---------- Entries supplied

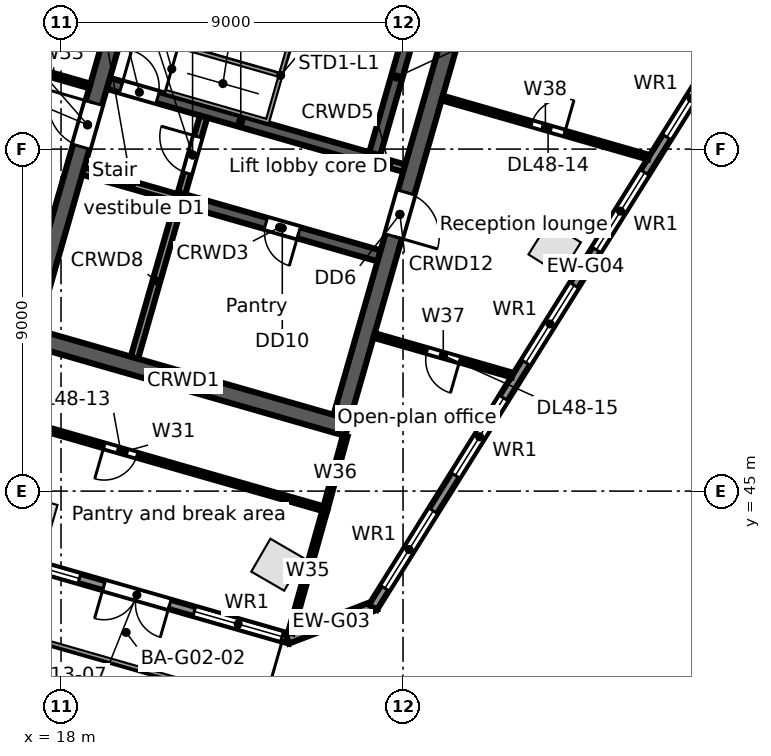
"""IFC4 building model, lengths in metres.
Left out: names, types, materials, properties, quantities, classifications, styles, units other than length and angle.
Written with IfcOpenShell. Run it as: python <this file> out.ifc"""

import sys

from ifc_helpers import new_model, si_unit, direction, frame, frame_2d, origin, origin_2d, place, context, subcontext, project, spatial, rectangle, extrude, element, fill, save


model = new_model("IFC4")
c1 = context("Model", 3, precision=1e-05, world=origin(), true_north=direction((0.0, 1.0)))
c2 = subcontext(c1, "Body", "Model", "MODEL_VIEW")
j1 = project(units=[si_unit("LENGTHUNIT", "METRE"), si_unit("PLANEANGLEUNIT", "RADIAN")], contexts=[c1])
p1 = place(None, origin())
s1 = spatial("IfcSite", under=j1, at=p1, CompositionType="ELEMENT")
p2 = place(p1, origin())
s2 = spatial("IfcBuilding", under=s1, at=p2, CompositionType="ELEMENT")
p3 = place(p2, frame((0.0, 0.0, 219.2)))
s3 = spatial("IfcBuildingStorey", under=s2, at=p3, CompositionType="ELEMENT", Elevation=219.2)
for number, where, z_axis, x_axis in (
    (1, (17.288, 44.291, 0.0), (0.0, 0.0, 1.0), (0.961, -0.276, 0.0)),
    (2, (23.69, 43.063, 0.0), (0.0, 0.0, 1.0), (-0.865, 0.501, 0.0)),
    (3, (30.99, 51.386, 0.0), (0.0, 0.0, 1.0), (0.53, 0.848, 0.0)),
):
    element("IfcColumn", number, at=place(p3, frame(where, z_axis=z_axis, x_axis=x_axis)), inside=s3, PredefinedType="COLUMN", context=c2, shape_type="SweptSolid", body=[
        extrude(rectangle(XDim=1.0, YDim=1.0, at=origin_2d()), origin(), (0.0, 0.0, 1.0), 3.9),
    ])
p4 = place(p3, frame((24.034, 41.108, 0.0), z_axis=(0.0, 0.0, 1.0), x_axis=(-0.96126060691, 0.275641153683, 0.0)))
e4 = element("IfcWall", 4, at=p4, inside=s3, PredefinedType="STANDARD", context=c2, shape_type="SweptSolid", body=[
    extrude(rectangle(XDim=24.951, YDim=0.25, at=frame_2d((12.475, 0.0))), origin(), (0.0, 0.0, 1.0), 3.62),
])
p5 = place(p4, frame((22.416, 0.0, 0.8)))
e5 = element("IfcOpeningElement", 5, at=p5, cuts=e4, PredefinedType="OPENING", context=c2, shape_type="SweptSolid", body=[
    extrude(rectangle(XDim=2.4, YDim=2.2, at=frame_2d((1.2, 1.1))), frame((0.0, 0.135, 0.0), z_axis=(0.0, -1.0, 0.0), x_axis=(1.0, 0.0, 0.0)), (0.0, 0.0, 1.0), 0.27),
])
p6 = place(p4, frame((19.643, 0.0, 0.8)))
e6 = element("IfcOpeningElement", 6, at=p6, cuts=e4, PredefinedType="OPENING", context=c2, shape_type="SweptSolid", body=[
    extrude(rectangle(XDim=2.4, YDim=2.2, at=frame_2d((1.2, 1.1))), frame((0.0, 0.135, 0.0), z_axis=(0.0, -1.0, 0.0), x_axis=(1.0, 0.0, 0.0)), (0.0, 0.0, 1.0), 0.27),
])
p7 = place(p4, frame((16.869, 0.0, 0.8)))
e7 = element("IfcOpeningElement", 7, at=p7, cuts=e4, PredefinedType="OPENING", context=c2, shape_type="SweptSolid", body=[
    extrude(rectangle(XDim=2.4, YDim=2.2, at=frame_2d((1.2, 1.1))), frame((0.0, 0.135, 0.0), z_axis=(0.0, -1.0, 0.0), x_axis=(1.0, 0.0, 0.0)), (0.0, 0.0, 1.0), 0.27),
])
p8 = place(p4, frame((14.096, 0.0, 0.8)))
e8 = element("IfcOpeningElement", 8, at=p8, cuts=e4, PredefinedType="OPENING", context=c2, shape_type="SweptSolid", body=[
    extrude(rectangle(XDim=2.4, YDim=2.2, at=frame_2d((1.2, 1.1))), frame((0.0, 0.135, 0.0), z_axis=(0.0, -1.0, 0.0), x_axis=(1.0, 0.0, 0.0)), (0.0, 0.0, 1.0), 0.27),
])
p9 = place(p4, frame((11.622, 0.0, 0.0)))
e9 = element("IfcOpeningElement", 9, at=p9, cuts=e4, PredefinedType="OPENING", context=c2, shape_type="SweptSolid", body=[
    extrude(rectangle(XDim=1.8, YDim=2.4, at=frame_2d((0.9, 1.2))), frame((0.0, 0.135, 0.0), z_axis=(0.0, -1.0, 0.0), x_axis=(1.0, 0.0, 0.0)), (0.0, 0.0, 1.0), 0.27),
])
p10 = place(p4, frame((8.549, 0.0, 0.8)))
e10 = element("IfcOpeningElement", 10, at=p10, cuts=e4, PredefinedType="OPENING", context=c2, shape_type="SweptSolid", body=[
    extrude(rectangle(XDim=2.4, YDim=2.2, at=frame_2d((1.2, 1.1))), frame((0.0, 0.135, 0.0), z_axis=(0.0, -1.0, 0.0), x_axis=(1.0, 0.0, 0.0)), (0.0, 0.0, 1.0), 0.27),
])
p11 = place(p4, frame((5.775, 0.0, 0.8)))
e11 = element("IfcOpeningElement", 11, at=p11, cuts=e4, PredefinedType="OPENING", context=c2, shape_type="SweptSolid", body=[
    extrude(rectangle(XDim=2.4, YDim=2.2, at=frame_2d((1.2, 1.1))), frame((0.0, 0.135, 0.0), z_axis=(0.0, -1.0, 0.0), x_axis=(1.0, 0.0, 0.0)), (0.0, 0.0, 1.0), 0.27),
])
p12 = place(p4, frame((3.302, 0.0, 0.0)))
e12 = element("IfcOpeningElement", 12, at=p12, cuts=e4, PredefinedType="OPENING", context=c2, shape_type="SweptSolid", body=[
    extrude(rectangle(XDim=1.8, YDim=2.4, at=frame_2d((0.9, 1.2))), frame((0.0, 0.135, 0.0), z_axis=(0.0, -1.0, 0.0), x_axis=(1.0, 0.0, 0.0)), (0.0, 0.0, 1.0), 0.27),
])
p13 = place(p4, frame((0.229, 0.0, 0.8)))
e13 = element("IfcOpeningElement", 13, at=p13, cuts=e4, PredefinedType="OPENING", context=c2, shape_type="SweptSolid", body=[
    extrude(rectangle(XDim=2.4, YDim=2.2, at=frame_2d((1.2, 1.1))), frame((0.0, 0.135, 0.0), z_axis=(0.0, -1.0, 0.0), x_axis=(1.0, 0.0, 0.0)), (0.0, 0.0, 1.0), 0.27),
])
p14 = place(p3, frame((26.27, 41.993, 0.0), z_axis=(0.0, 0.0, 1.0), x_axis=(-0.933573798066, -0.358385216722, 0.0)))
e14 = element("IfcWall", 14, at=p14, inside=s3, PredefinedType="STANDARD", context=c2, shape_type="SweptSolid", body=[
    extrude(rectangle(XDim=2.48, YDim=0.25, at=frame_2d((1.24, 0.0))), origin(), (0.0, 0.0, 1.0), 3.62),
])
p15 = place(p3, frame((37.392, 59.84, 0.0), z_axis=(0.0, 0.0, 1.0), x_axis=(-0.529919909431, -0.848047692992, 0.0)))
e15 = element("IfcWall", 15, at=p15, inside=s3, PredefinedType="STANDARD", context=c2, shape_type="SweptSolid", body=[
    extrude(rectangle(XDim=21.104, YDim=0.25, at=frame_2d((10.552, 0.0))), origin(), (0.0, 0.0, 1.0), 3.62),
])
p16 = place(p15, frame((18.112, 0.0, 0.8)))
e16 = element("IfcOpeningElement", 16, at=p16, cuts=e15, PredefinedType="OPENING", context=c2, shape_type="SweptSolid", body=[
    extrude(rectangle(XDim=2.4, YDim=2.2, at=frame_2d((1.2, 1.1))), frame((0.0, 0.135, 0.0), z_axis=(0.0, -1.0, 0.0), x_axis=(1.0, 0.0, 0.0)), (0.0, 0.0, 1.0), 0.27),
])
p17 = place(p15, frame((14.612, 0.0, 0.8)))
e17 = element("IfcOpeningElement", 17, at=p17, cuts=e15, PredefinedType="OPENING", context=c2, shape_type="SweptSolid", body=[
    extrude(rectangle(XDim=2.4, YDim=2.2, at=frame_2d((1.2, 1.1))), frame((0.0, 0.135, 0.0), z_axis=(0.0, -1.0, 0.0), x_axis=(1.0, 0.0, 0.0)), (0.0, 0.0, 1.0), 0.27),
])
p18 = place(p15, frame((11.112, 0.0, 0.8)))
e18 = element("IfcOpeningElement", 18, at=p18, cuts=e15, PredefinedType="OPENING", context=c2, shape_type="SweptSolid", body=[
    extrude(rectangle(XDim=2.4, YDim=2.2, at=frame_2d((1.2, 1.1))), frame((0.0, 0.135, 0.0), z_axis=(0.0, -1.0, 0.0), x_axis=(1.0, 0.0, 0.0)), (0.0, 0.0, 1.0), 0.27),
])
p19 = place(p15, frame((7.612, 0.0, 0.8)))
e19 = element("IfcOpeningElement", 19, at=p19, cuts=e15, PredefinedType="OPENING", context=c2, shape_type="SweptSolid", body=[
    extrude(rectangle(XDim=2.4, YDim=2.2, at=frame_2d((1.2, 1.1))), frame((0.0, 0.135, 0.0), z_axis=(0.0, -1.0, 0.0), x_axis=(1.0, 0.0, 0.0)), (0.0, 0.0, 1.0), 0.27),
])
p20 = place(p15, frame((4.112, 0.0, 0.8)))
e20 = element("IfcOpeningElement", 20, at=p20, cuts=e15, PredefinedType="OPENING", context=c2, shape_type="SweptSolid", body=[
    extrude(rectangle(XDim=2.4, YDim=2.2, at=frame_2d((1.2, 1.1))), frame((0.0, 0.135, 0.0), z_axis=(0.0, -1.0, 0.0), x_axis=(1.0, 0.0, 0.0)), (0.0, 0.0, 1.0), 0.27),
])
p21 = place(p15, frame((0.612, 0.0, 0.8)))
e21 = element("IfcOpeningElement", 21, at=p21, cuts=e15, PredefinedType="OPENING", context=c2, shape_type="SweptSolid", body=[
    extrude(rectangle(XDim=2.4, YDim=2.2, at=frame_2d((1.2, 1.1))), frame((0.0, 0.135, 0.0), z_axis=(0.0, -1.0, 0.0), x_axis=(1.0, 0.0, 0.0)), (0.0, 0.0, 1.0), 0.27),
])
p22 = place(p3, frame((16.89, 49.149, 0.0), z_axis=(0.0, 0.0, 1.0), x_axis=(0.96126248289, -0.275634611374, 0.0)))
e22 = element("IfcWall", 22, at=p22, inside=s3, PredefinedType="SOLIDWALL", context=c2, shape_type="SweptSolid", body=[
    extrude(rectangle(XDim=9.0, YDim=0.45, at=frame_2d((4.5, 0.0))), origin(), (0.0, 0.0, 1.0), 3.62),
])
p23 = place(p3, frame((18.583, 53.423, 0.0), z_axis=(0.0, 0.0, 1.0), x_axis=(0.961259287968, -0.275645753268, 0.0)))
e23 = element("IfcWall", 23, at=p23, inside=s3, PredefinedType="SOLIDWALL", context=c2, shape_type="SweptSolid", body=[
    extrude(rectangle(XDim=2.65, YDim=0.2, at=frame_2d((1.325, 0.0))), origin(), (0.0, 0.0, 1.0), 3.62),
])
p24 = place(p3, frame((21.131, 52.692, 0.0), z_axis=(0.0, 0.0, 1.0), x_axis=(0.961261488075, -0.275638080722, 0.0)))
e24 = element("IfcWall", 24, at=p24, inside=s3, PredefinedType="SOLIDWALL", context=c2, shape_type="SweptSolid", body=[
    extrude(rectangle(XDim=5.45, YDim=0.3, at=frame_2d((2.725, 0.0))), origin(), (0.0, 0.0, 1.0), 3.62),
])
p25 = place(p24, frame((2.35, 0.0, 0.0)))
e25 = element("IfcOpeningElement", 25, at=p25, cuts=e24, PredefinedType="OPENING", context=c2, shape_type="SweptSolid", body=[
    extrude(rectangle(XDim=0.9, YDim=2.1, at=frame_2d((0.45, 1.05))), frame((0.0, 0.16, 0.0), z_axis=(0.0, -1.0, 0.0), x_axis=(1.0, 0.0, 0.0)), (0.0, 0.0, 1.0), 0.32),
])
p26 = place(p3, frame((19.245, 55.73, 0.0), z_axis=(0.0, 0.0, 1.0), x_axis=(0.961263007877, -0.275632780503, 0.0)))
e26 = element("IfcWall", 26, at=p26, inside=s3, PredefinedType="SOLIDWALL", context=c2, shape_type="SweptSolid", body=[
    extrude(rectangle(XDim=7.25, YDim=0.3, at=frame_2d((3.625, 0.0))), origin(), (0.0, 0.0, 1.0), 3.62),
])
p27 = place(p26, frame((0.35, 0.0, 0.0)))
e27 = element("IfcOpeningElement", 27, at=p27, cuts=e26, PredefinedType="OPENING", context=c2, shape_type="SweptSolid", body=[
    extrude(rectangle(XDim=1.0, YDim=2.1, at=frame_2d((0.5, 1.05))), frame((0.0, 0.16, 0.0), z_axis=(0.0, -1.0, 0.0), x_axis=(1.0, 0.0, 0.0)), (0.0, 0.0, 1.0), 0.32),
])
p28 = place(p3, frame((26.214, 53.732, 0.0), z_axis=(0.0, 0.0, 1.0), x_axis=(0.961241665642, -0.275707200184, 0.0)))
e28 = element("IfcWall", 28, at=p28, inside=s3, PredefinedType="SOLIDWALL", context=c2, shape_type="SweptSolid", body=[
    extrude(rectangle(XDim=0.85, YDim=0.2, at=frame_2d((0.425, 0.0))), origin(), (0.0, 0.0, 1.0), 3.62),
])
p29 = place(p3, frame((17.168, 49.303, 0.0), z_axis=(0.0, 0.0, 1.0), x_axis=(0.275638974822, 0.961261231695, 0.0)))
e29 = element("IfcWall", 29, at=p29, inside=s3, PredefinedType="SOLIDWALL", context=c2, shape_type="SweptSolid", body=[
    extrude(rectangle(XDim=11.1, YDim=0.45, at=frame_2d((5.55, 0.0))), origin(), (0.0, 0.0, 1.0), 3.62),
])
p30 = place(p29, frame((4.95, 0.0, 0.0)))
e30 = element("IfcOpeningElement", 30, at=p30, cuts=e29, PredefinedType="OPENING", context=c2, shape_type="SweptSolid", body=[
    extrude(rectangle(XDim=1.2, YDim=2.1, at=frame_2d((0.6, 1.05))), frame((0.0, 0.235, 0.0), z_axis=(0.0, -1.0, 0.0), x_axis=(1.0, 0.0, 0.0)), (0.0, 0.0, 1.0), 0.47),
])
p31 = place(p3, frame((19.932, 48.511, 0.0), z_axis=(0.0, 0.0, 1.0), x_axis=(0.275642273411, 0.961260285827, 0.0)))
e31 = element("IfcWall", 31, at=p31, inside=s3, PredefinedType="SOLIDWALL", context=c2, shape_type="SweptSolid", body=[
    extrude(rectangle(XDim=4.2, YDim=0.2, at=frame_2d((2.1, 0.0))), origin(), (0.0, 0.0, 1.0), 3.62),
])
p32 = place(p3, frame((21.172, 52.837, 0.0), z_axis=(0.0, 0.0, 1.0), x_axis=(0.275657676022, 0.961255868981, 0.0)))
e32 = element("IfcWall", 32, at=p32, inside=s3, PredefinedType="PARTITIONING", context=c2, shape_type="SweptSolid", body=[
    extrude(rectangle(XDim=2.1, YDim=0.2, at=frame_2d((1.05, 0.0))), origin(), (0.0, 0.0, 1.0), 3.62),
])
p33 = place(p32, frame((0.55, 0.0, 0.0)))
e33 = element("IfcOpeningElement", 33, at=p33, cuts=e32, PredefinedType="OPENING", context=c2, shape_type="SweptSolid", body=[
    extrude(rectangle(XDim=1.0, YDim=2.1, at=frame_2d((0.5, 1.05))), frame((0.0, 0.11, 0.0), z_axis=(0.0, -1.0, 0.0), x_axis=(1.0, 0.0, 0.0)), (0.0, 0.0, 1.0), 0.22),
])
p34 = place(p3, frame((26.256, 53.876, 0.0), z_axis=(0.0, 0.0, 1.0), x_axis=(0.275588560745, 0.96127568636, 0.0)))
e34 = element("IfcWall", 34, at=p34, inside=s3, PredefinedType="SOLIDWALL", context=c2, shape_type="SweptSolid", body=[
    extrude(rectangle(XDim=4.2, YDim=0.3, at=frame_2d((2.1, 0.0))), origin(), (0.0, 0.0, 1.0), 3.62),
])
p35 = place(p3, frame((25.387, 46.947, 0.0), z_axis=(0.0, 0.0, 1.0), x_axis=(0.275638974822, 0.961261231695, 0.0)))
e35 = element("IfcWall", 35, at=p35, inside=s3, PredefinedType="SOLIDWALL", context=c2, shape_type="SweptSolid", body=[
    extrude(rectangle(XDim=11.1, YDim=0.45, at=frame_2d((5.55, 0.0))), origin(), (0.0, 0.0, 1.0), 3.62),
])
p36 = place(p35, frame((4.95, 0.0, 0.0)))
e36 = element("IfcOpeningElement", 36, at=p36, cuts=e35, PredefinedType="OPENING", context=c2, shape_type="SweptSolid", body=[
    extrude(rectangle(XDim=1.2, YDim=2.1, at=frame_2d((0.6, 1.05))), frame((0.0, 0.235, 0.0), z_axis=(0.0, -1.0, 0.0), x_axis=(1.0, 0.0, 0.0)), (0.0, 0.0, 1.0), 0.47),
])
p37 = place(p3, frame((14.377, 47.555, 0.0), z_axis=(0.0, 0.0, 1.0), x_axis=(0.961263044958, -0.275632651182, 0.0)))
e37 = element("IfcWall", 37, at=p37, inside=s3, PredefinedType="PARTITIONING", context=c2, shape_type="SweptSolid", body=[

--------------------

(Try it) Pull out all lines in the data above that include "import".

(Response for this exercise)
import sys
from ifc_helpers import new_model, si_unit, direction, frame, frame_2d, origin, origin_2d, place, context, subcontext, project, spatial, rectangle, extrude, element, fill, save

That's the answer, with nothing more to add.